TASK PROMPT:
In this exercise, write out the data word for word and leave every image out.

RECORDS FOR THE TASK:

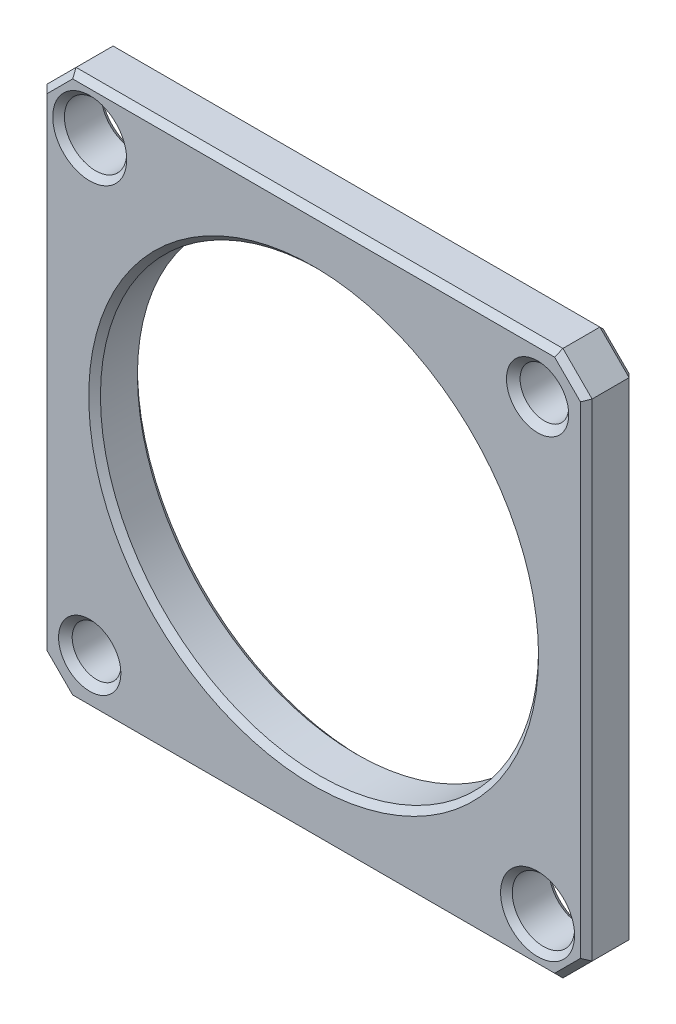
SolidWorks part; units mm, degrees
material "45"
ref_plane "Front Plane" through (0, 0, 0) normal (0, 0, 1) x (1, 0, 0)
ref_plane "Top Plane" through (0, 0, 0) normal (0, 1, 0) x (1, 0, 0)
ref_plane "Right Plane" through (0, 0, 0) normal (1, 0, 0) x (0, 0, -1)
sketch "Sketch1" plane through (0, 0, 0) normal (0, 0, 1) x (1, 0, 0)
  line L0 (-14, -12.5) -> (-12.5, -14)
  line L1 (-12.5, 14) -> (12.5, 14)
  line L2 (-14, 12.5) -> (-14, -12.5)
  line L3 (-12.5, -14) -> (12.5, -14)
  line L4 (14, 12.5) -> (14, -12.5)
  line L5 (-14, 14) -> (14, -14) construction
  line L6 (-14, -14) -> (14, 14) construction
  line L7 (12.5, -14) -> (14, -12.5)
  line L8 (12.5, 14) -> (14, 12.5)
  line L9 (-14, 12.5) -> (-12.5, 14)
  circle A0 centre (0, 0) radius 11.25
  point P0 (0, 0)
  dimension "D3" = 22.5
  dimension "D1" = 28
  dimension "D2" = 28
extrude "Boss-Extrude1" add sketch "Sketch1" along normal blind 2.5
sketch "Sketch2" plane through (0, 0, 2.5) normal (0, 0, 1) x (1, 0, 0)
  line L0 (-11.5, 11.5) -> (0, 0) construction
  line L1 (0, 0) -> (11.5, -11.5) construction
  line L2 (12.5, 14) -> (-12.5, 14) construction
  circle A0 centre (-11.5, 11.5) radius 1.6
  circle A1 centre (11.5, -11.5) radius 1.6
  dimension "D3" = 3.2
  dimension "D1" = 45
  dimension "D2" = 11.5
extrude "Cut-Extrude1" cut sketch "Sketch2" against normal blind 2.5
hole_wizard "M3 Tapped Hole1" positions "Sketch3" profile "Sketch4" tap size "M3" standard "GB" end condition through all
sketch "Sketch3" plane through (0, 0, 2.5) normal (0, 0, 1) x (1, 0, 0)
  line L1 (-11.5, 11.5) -> (11.5, 11.5)
  line L2 (-11.5, -11.5) -> (-11.5, 11.5)
  point P0 (-11.5, -11.5)
  point P2 (11.5, 11.5)
  dimension "D1" = 23
  dimension "D2" = 23
sketch "Sketch4" plane through (-11.5, -11.5, 2.5) normal (1, 0, 0) x (0, -1, 0)
  line L0 (0, 0) -> (0, 2.5)
  line L1 (0, 2.5) -> (1.6, 2.5)
  line L2 (1.25, 2.15) -> (1.25, 0.35)
  line L3 (1.25, 0.35) -> (1.6, 0)
  line L5 (1.6, 0) -> (0, 0)
  line L6 (-1.25, 0.35) -> (-1.6, 0) construction
  line L7 (1.6, 2.5) -> (1.25, 2.15)
  line L8 (-1.6, 2.5) -> (-1.25, 2.15) construction
  line L11 (0, -6.35) -> (0, 107.95) construction
  dimension "通孔螺纹孔钻头直径" = 2.5
  dimension "通孔螺纹孔钻头深度" = 2.5
  dimension "近端锥形沉头孔直径" = 3.2
  dimension "近端锥形沉头孔角度" = 90
  dimension "远端锥形沉头孔直径" = 3.2
  dimension "远端锥形沉头孔角度" = 90
cosmetic thread "Cosmetic Thread1" parameters "D2"=3
cosmetic thread "Cosmetic Thread2" parameters "D2"=3
chamfer "Chamfer1" distance 0.3 angle 45 22 edges at (-13.25, -13.25, 0) (0, -14, 0) (13.25, -13.25, 0) (14, 0, 0) (13.25, 13.25, 0) (0, 14, 0) (-13.25, 13.25, 0) (-14, 0, 0) (11.25, 0, 0) (11.25, 0, 2.5) (0, -14, 2.5) (13.25, -13.25, 2.5) (14, 0, 2.5) (13.25, 13.25, 2.5) (0, 14, 2.5) (-13.25, 13.25, 2.5) (-14, 0, 2.5) (-13.25, -13.25, 2.5) (-9.9, 11.5, 2.5) (-9.9, 11.5, 0) (13.1, -11.5, 2.5) (13.1, -11.5, 0)

YOUR RESPONSE:
SolidWorks part; units mm, degrees
material "45"
ref_plane "Front Plane" through (0, 0, 0) normal (0, 0, 1) x (1, 0, 0)
ref_plane "Top Plane" through (0, 0, 0) normal (0, 1, 0) x (1, 0, 0)
ref_plane "Right Plane" through (0, 0, 0) normal (1, 0, 0) x (0, 0, -1)
sketch "Sketch1" plane through (0, 0, 0) normal (0, 0, 1) x (1, 0, 0)
  line L0 (-14, -12.5) -> (-12.5, -14)
  line L1 (-12.5, 14) -> (12.5, 14)
  line L2 (-14, 12.5) -> (-14, -12.5)
  line L3 (-12.5, -14) -> (12.5, -14)
  line L4 (14, 12.5) -> (14, -12.5)
  line L5 (-14, 14) -> (14, -14) construction
  line L6 (-14, -14) -> (14, 14) construction
  line L7 (12.5, -14) -> (14, -12.5)
  line L8 (12.5, 14) -> (14, 12.5)
  line L9 (-14, 12.5) -> (-12.5, 14)
  circle A0 centre (0, 0) radius 11.25
  point P0 (0, 0)
  dimension "D3" = 22.5
  dimension "D1" = 28
  dimension "D2" = 28
extrude "Boss-Extrude1" add sketch "Sketch1" along normal blind 2.5
sketch "Sketch2" plane through (0, 0, 2.5) normal (0, 0, 1) x (1, 0, 0)
  line L0 (-11.5, 11.5) -> (0, 0) construction
  line L1 (0, 0) -> (11.5, -11.5) construction
  line L2 (12.5, 14) -> (-12.5, 14) construction
  circle A0 centre (-11.5, 11.5) radius 1.6
  circle A1 centre (11.5, -11.5) radius 1.6
  dimension "D3" = 3.2
  dimension "D1" = 45
  dimension "D2" = 11.5
extrude "Cut-Extrude1" cut sketch "Sketch2" against normal blind 2.5
hole_wizard "M3 Tapped Hole1" positions "Sketch3" profile "Sketch4" tap size "M3" standard "GB" end condition through all
sketch "Sketch3" plane through (0, 0, 2.5) normal (0, 0, 1) x (1, 0, 0)
  line L1 (-11.5, 11.5) -> (11.5, 11.5)
  line L2 (-11.5, -11.5) -> (-11.5, 11.5)
  point P0 (-11.5, -11.5)
  point P2 (11.5, 11.5)
  dimension "D1" = 23
  dimension "D2" = 23
sketch "Sketch4" plane through (-11.5, -11.5, 2.5) normal (1, 0, 0) x (0, -1, 0)
  line L0 (0, 0) -> (0, 2.5)
  line L1 (0, 2.5) -> (1.6, 2.5)
  line L2 (1.25, 2.15) -> (1.25, 0.35)
  line L3 (1.25, 0.35) -> (1.6, 0)
  line L5 (1.6, 0) -> (0, 0)
  line L6 (-1.25, 0.35) -> (-1.6, 0) construction
  line L7 (1.6, 2.5) -> (1.25, 2.15)
  line L8 (-1.6, 2.5) -> (-1.25, 2.15) construction
  line L11 (0, -6.35) -> (0, 107.95) construction
  dimension "通孔螺纹孔钻头直径" = 2.5
  dimension "通孔螺纹孔钻头深度" = 2.5
  dimension "近端锥形沉头孔直径" = 3.2
  dimension "近端锥形沉头孔角度" = 90
  dimension "远端锥形沉头孔直径" = 3.2
  dimension "远端锥形沉头孔角度" = 90
cosmetic thread "Cosmetic Thread1" parameters "D2"=3
cosmetic thread "Cosmetic Thread2" parameters "D2"=3
chamfer "Chamfer1" distance 0.3 angle 45 22 edges at (-13.25, -13.25, 0) (0, -14, 0) (13.25, -13.25, 0) (14, 0, 0) (13.25, 13.25, 0) (0, 14, 0) (-13.25, 13.25, 0) (-14, 0, 0) (11.25, 0, 0) (11.25, 0, 2.5) (0, -14, 2.5) (13.25, -13.25, 2.5) (14, 0, 2.5) (13.25, 13.25, 2.5) (0, 14, 2.5) (-13.25, 13.25, 2.5) (-14, 0, 2.5) (-13.25, -13.25, 2.5) (-9.9, 11.5, 2.5) (-9.9, 11.5, 0) (13.1, -11.5, 2.5) (13.1, -11.5, 0)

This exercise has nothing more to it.